WHAT YOU NEED TO DO: Please print every record exactly as it stands, leaving out the pictures.

GIVEN DATA:

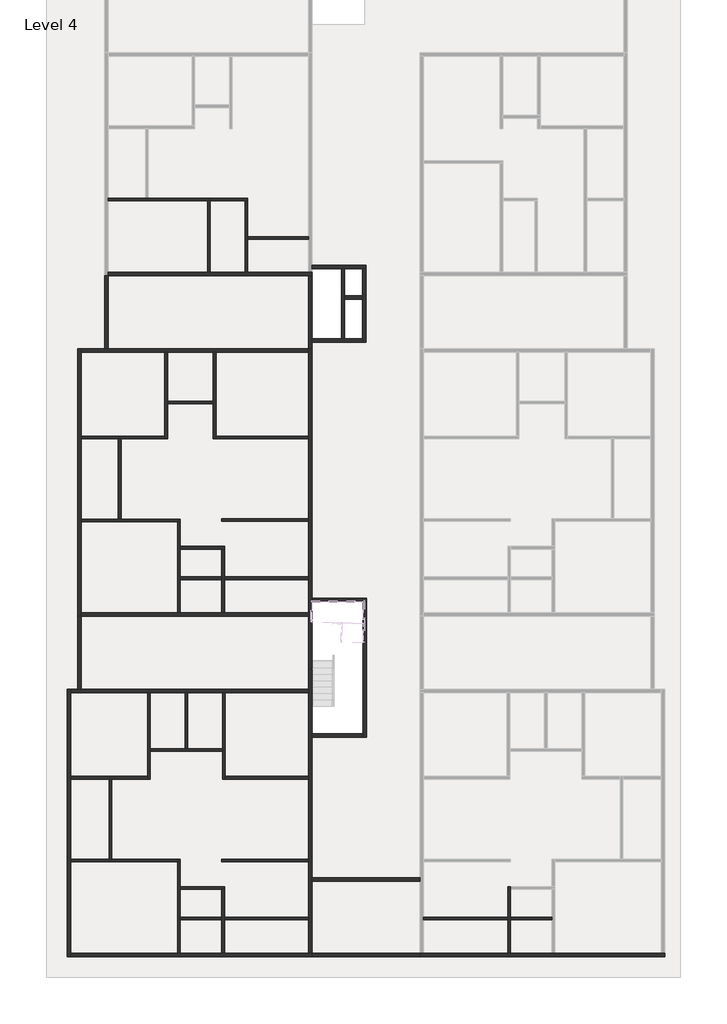
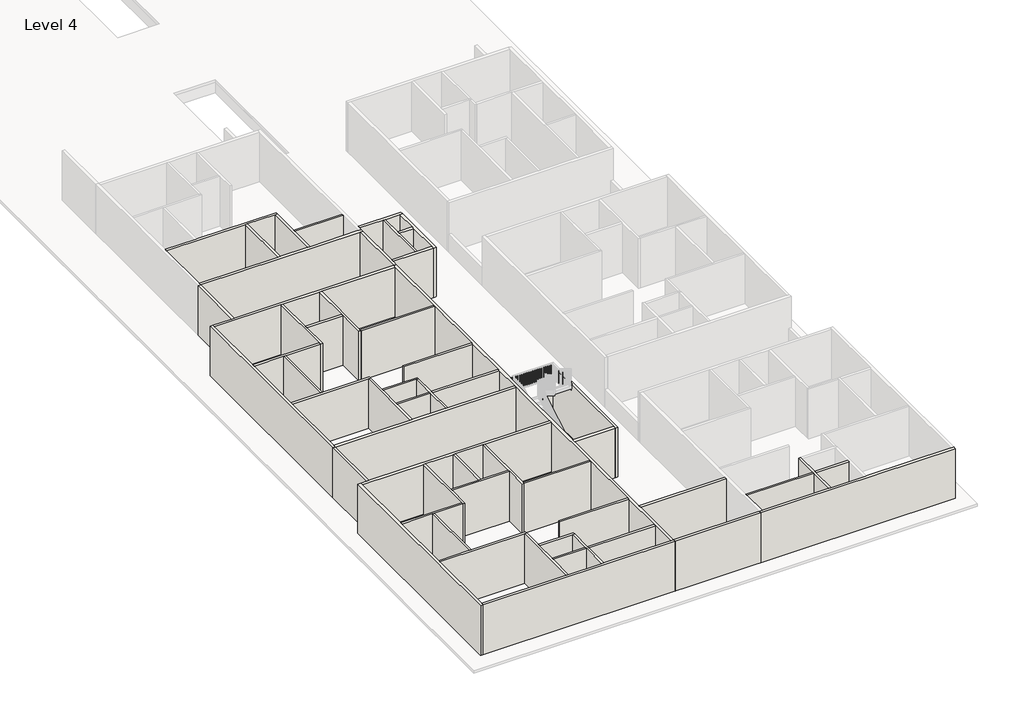
# One storey, part 1 of 8: 55 walls.
"""IFC4 building model written with IfcOpenShell, lengths in millimetres."""

from ifc_helpers import new_model, si_unit, frame, origin, place, context, project, spatial, polyline, outline, extrude, faceted_brep, element, save

model = new_model("IFC4")

# Units and contexts
model_context = context("Model", 3, world=origin())
ifc_project = project(units=[si_unit("LENGTHUNIT", "METRE", prefix="MILLI")], contexts=[model_context])

# Site, building, storey
site = spatial("IfcSite", under=ifc_project)
building = spatial("IfcBuilding", under=site)
storey = spatial("IfcBuildingStorey", under=building, Name="Level 4", Elevation=34378.6172466)

# Walls
placement = place(None, origin())
element("IfcWall", 1, ObjectType="4.5\"", at=placement, inside=storey, context=model_context, shape_type="Brep", body=[
    faceted_brep([(-12531.5544854, -1061.7344126, 34378.6172466), (-8188.1544854, -1061.7344126, 34378.6172466), (-8073.8544854, -1061.7344126, 34378.6172466), (-6549.8544854, -1061.7344126, 34378.6172466), (-6435.5544854, -1061.7344126, 34378.6172466), (-6435.5544854, -1061.7344126, 37426.6172466), (-6549.8544854, -1061.7344126, 37426.6172466), (-8073.8544854, -1061.7344126, 37426.6172466), (-8188.1544854, -1061.7344126, 37426.6172466), (-12531.5544854, -1061.7344126, 37426.6172466), (-12531.5544854, -947.4344126, 34378.6172466), (-12531.5544854, -947.4344126, 37426.6172466), (-10907.2415084, -947.4344126, 37426.6172466), (-10792.9415084, -947.4344126, 37426.6172466), (-6435.5544854, -947.4344126, 37426.6172466), (-6435.5544854, -947.4344126, 34378.6172466), (-10792.9415084, -947.4344126, 34378.6172466), (-10907.2415084, -947.4344126, 34378.6172466)], [[[0, 1, 2, 3, 4, 5, 6, 7, 8, 9]], [[10, 11, 12, 13, 14, 15, 16, 17]], [[4, 3, 2, 1, 0, 10, 17, 16, 15]], [[0, 9, 11, 10]], [[5, 4, 15, 14]], [[9, 8, 7, 6, 5, 14, 13, 12, 11]]]),
])
element("IfcWall", 2, ObjectType="4.5\"", at=placement, inside=storey, context=model_context, shape_type="Brep", body=[
    faceted_brep([(-6549.8544854, -1061.7344126, 34378.6172466), (-6549.8544854, -4185.9344126, 34378.6172466), (-6549.8544854, -4185.9344126, 37426.6172466), (-6549.8544854, -1061.7344126, 37426.6172466), (-6435.5544854, -1061.7344126, 34378.6172466), (-6435.5544854, -1061.7344126, 37426.6172466), (-6435.5544854, -2623.8344126, 37426.6172466), (-6435.5544854, -2738.1344126, 37426.6172466), (-6435.5544854, -4185.9344126, 37426.6172466), (-6435.5544854, -4185.9344126, 34378.6172466), (-6435.5544854, -2738.1344126, 34378.6172466), (-6435.5544854, -2623.8344126, 34378.6172466)], [[[0, 1, 2, 3]], [[4, 5, 6, 7, 8, 9, 10, 11]], [[1, 0, 4, 11, 10, 9]], [[0, 3, 5, 4]], [[2, 1, 9, 8]], [[3, 2, 8, 7, 6, 5]]]),
])
element("IfcWall", 3, ObjectType="4.5\"", at=placement, inside=storey, context=model_context, shape_type="SweptSolid", body=[
    extrude(outline(polyline([(-8188.1544854, -4185.9344126), (-8188.1544854, -1061.7344126), (-8073.8544854, -1061.7344126), (-8073.8544854, -4185.9344126), (-8188.1544854, -4185.9344126)])), frame((0.0, 0.0, 34378.6172466), z_axis=(0.0, 0.0, 1.0), x_axis=(1.0, 0.0, 0.0)), (0.0, 0.0, 1.0), 3048.0),
])
element("IfcWall", 4, ObjectType="4.5\"", at=placement, inside=storey, context=model_context, shape_type="SweptSolid", body=[
    extrude(outline(polyline([(-6435.5544854, -2623.8344126), (-3769.8415084, -2623.8344126), (-3769.8415084, -2738.1344126), (-6435.5544854, -2738.1344126), (-6435.5544854, -2623.8344126)])), frame((0.0, 0.0, 34378.6172466), z_axis=(0.0, 0.0, 1.0), x_axis=(1.0, 0.0, 0.0)), (0.0, 0.0, 1.0), 3048.0),
])
element("IfcWall", 5, ObjectType="4.5\"", at=placement, inside=storey, context=model_context, shape_type="Brep", body=[
    faceted_brep([(-10061.4044854, -7691.1344126, 34378.6172466), (-10061.4044854, -11348.7344126, 34378.6172466), (-10061.4044854, -11463.0344126, 34378.6172466), (-10061.4044854, -11463.0344126, 37426.6172466), (-10061.4044854, -11348.7344126, 37426.6172466), (-10061.4044854, -7691.1344126, 37426.6172466), (-9947.1044854, -7691.1344126, 34378.6172466), (-9947.1044854, -7691.1344126, 37426.6172466), (-9947.1044854, -9824.7344126, 37426.6172466), (-9947.1044854, -9939.0344126, 37426.6172466), (-9947.1044854, -11463.0344126, 37426.6172466), (-9947.1044854, -11463.0344126, 34378.6172466), (-9947.1044854, -9939.0344126, 34378.6172466), (-9947.1044854, -9824.7344126, 34378.6172466)], [[[0, 1, 2, 3, 4, 5]], [[6, 7, 8, 9, 10, 11, 12, 13]], [[2, 1, 0, 6, 13, 12, 11]], [[0, 5, 7, 6]], [[3, 2, 11, 10]], [[5, 4, 3, 10, 9, 8, 7]]]),
])
element("IfcWall", 6, ObjectType="4.5\"", at=placement, inside=storey, context=model_context, shape_type="Brep", body=[
    faceted_brep([(-10061.4044854, -11348.7344126, 34378.6172466), (-13719.0044854, -11348.7344126, 34378.6172466), (-13719.0044854, -11348.7344126, 37426.6172466), (-10061.4044854, -11348.7344126, 37426.6172466), (-10061.4044854, -11463.0344126, 34378.6172466), (-10061.4044854, -11463.0344126, 37426.6172466), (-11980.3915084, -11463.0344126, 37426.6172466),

THE COMPLETED TASK:
# One storey, part 1 of 8: 55 walls.
"""IFC4 building model written with IfcOpenShell, lengths in millimetres."""

from ifc_helpers import new_model, si_unit, frame, origin, place, context, project, spatial, polyline, outline, extrude, faceted_brep, element, save

model = new_model("IFC4")

# Units and contexts
model_context = context("Model", 3, world=origin())
ifc_project = project(units=[si_unit("LENGTHUNIT", "METRE", prefix="MILLI")], contexts=[model_context])

# Site, building, storey
site = spatial("IfcSite", under=ifc_project)
building = spatial("IfcBuilding", under=site)
storey = spatial("IfcBuildingStorey", under=building, Name="Level 4", Elevation=34378.6172466)

# Walls
placement = place(None, origin())
element("IfcWall", 1, ObjectType="4.5\"", at=placement, inside=storey, context=model_context, shape_type="Brep", body=[
    faceted_brep([(-12531.5544854, -1061.7344126, 34378.6172466), (-8188.1544854, -1061.7344126, 34378.6172466), (-8073.8544854, -1061.7344126, 34378.6172466), (-6549.8544854, -1061.7344126, 34378.6172466), (-6435.5544854, -1061.7344126, 34378.6172466), (-6435.5544854, -1061.7344126, 37426.6172466), (-6549.8544854, -1061.7344126, 37426.6172466), (-8073.8544854, -1061.7344126, 37426.6172466), (-8188.1544854, -1061.7344126, 37426.6172466), (-12531.5544854, -1061.7344126, 37426.6172466), (-12531.5544854, -947.4344126, 34378.6172466), (-12531.5544854, -947.4344126, 37426.6172466), (-10907.2415084, -947.4344126, 37426.6172466), (-10792.9415084, -947.4344126, 37426.6172466), (-6435.5544854, -947.4344126, 37426.6172466), (-6435.5544854, -947.4344126, 34378.6172466), (-10792.9415084, -947.4344126, 34378.6172466), (-10907.2415084, -947.4344126, 34378.6172466)], [[[0, 1, 2, 3, 4, 5, 6, 7, 8, 9]], [[10, 11, 12, 13, 14, 15, 16, 17]], [[4, 3, 2, 1, 0, 10, 17, 16, 15]], [[0, 9, 11, 10]], [[5, 4, 15, 14]], [[9, 8, 7, 6, 5, 14, 13, 12, 11]]]),
])
element("IfcWall", 2, ObjectType="4.5\"", at=placement, inside=storey, context=model_context, shape_type="Brep", body=[
    faceted_brep([(-6549.8544854, -1061.7344126, 34378.6172466), (-6549.8544854, -4185.9344126, 34378.6172466), (-6549.8544854, -4185.9344126, 37426.6172466), (-6549.8544854, -1061.7344126, 37426.6172466), (-6435.5544854, -1061.7344126, 34378.6172466), (-6435.5544854, -1061.7344126, 37426.6172466), (-6435.5544854, -2623.8344126, 37426.6172466), (-6435.5544854, -2738.1344126, 37426.6172466), (-6435.5544854, -4185.9344126, 37426.6172466), (-6435.5544854, -4185.9344126, 34378.6172466), (-6435.5544854, -2738.1344126, 34378.6172466), (-6435.5544854, -2623.8344126, 34378.6172466)], [[[0, 1, 2, 3]], [[4, 5, 6, 7, 8, 9, 10, 11]], [[1, 0, 4, 11, 10, 9]], [[0, 3, 5, 4]], [[2, 1, 9, 8]], [[3, 2, 8, 7, 6, 5]]]),
])
element("IfcWall", 3, ObjectType="4.5\"", at=placement, inside=storey, context=model_context, shape_type="SweptSolid", body=[
    extrude(outline(polyline([(-8188.1544854, -4185.9344126), (-8188.1544854, -1061.7344126), (-8073.8544854, -1061.7344126), (-8073.8544854, -4185.9344126), (-8188.1544854, -4185.9344126)])), frame((0.0, 0.0, 34378.6172466), z_axis=(0.0, 0.0, 1.0), x_axis=(1.0, 0.0, 0.0)), (0.0, 0.0, 1.0), 3048.0),
])
element("IfcWall", 4, ObjectType="4.5\"", at=placement, inside=storey, context=model_context, shape_type="SweptSolid", body=[
    extrude(outline(polyline([(-6435.5544854, -2623.8344126), (-3769.8415084, -2623.8344126), (-3769.8415084, -2738.1344126), (-6435.5544854, -2738.1344126), (-6435.5544854, -2623.8344126)])), frame((0.0, 0.0, 34378.6172466), z_axis=(0.0, 0.0, 1.0), x_axis=(1.0, 0.0, 0.0)), (0.0, 0.0, 1.0), 3048.0),
])
element("IfcWall", 5, ObjectType="4.5\"", at=placement, inside=storey, context=model_context, shape_type="Brep", body=[
    faceted_brep([(-10061.4044854, -7691.1344126, 34378.6172466), (-10061.4044854, -11348.7344126, 34378.6172466), (-10061.4044854, -11463.0344126, 34378.6172466), (-10061.4044854, -11463.0344126, 37426.6172466), (-10061.4044854, -11348.7344126, 37426.6172466), (-10061.4044854, -7691.1344126, 37426.6172466), (-9947.1044854, -7691.1344126, 34378.6172466), (-9947.1044854, -7691.1344126, 37426.6172466), (-9947.1044854, -9824.7344126, 37426.6172466), (-9947.1044854, -9939.0344126, 37426.6172466), (-9947.1044854, -11463.0344126, 37426.6172466), (-9947.1044854, -11463.0344126, 34378.6172466), (-9947.1044854, -9939.0344126, 34378.6172466), (-9947.1044854, -9824.7344126, 34378.6172466)], [[[0, 1, 2, 3, 4, 5]], [[6, 7, 8, 9, 10, 11, 12, 13]], [[2, 1, 0, 6, 13, 12, 11]], [[0, 5, 7, 6]], [[3, 2, 11, 10]], [[5, 4, 3, 10, 9, 8, 7]]]),
])
element("IfcWall", 6, ObjectType="4.5\"", at=placement, inside=storey, context=model_context, shape_type="Brep", body=[
    faceted_brep([(-10061.4044854, -11348.7344126, 34378.6172466), (-13719.0044854, -11348.7344126, 34378.6172466), (-13719.0044854, -11348.7344126, 37426.6172466), (-10061.4044854, -11348.7344126, 37426.6172466), (-10061.4044854, -11463.0344126, 34378.6172466), (-10061.4044854, -11463.0344126, 37426.6172466), (-11980.3915084, -11463.0344126, 37426.6172466),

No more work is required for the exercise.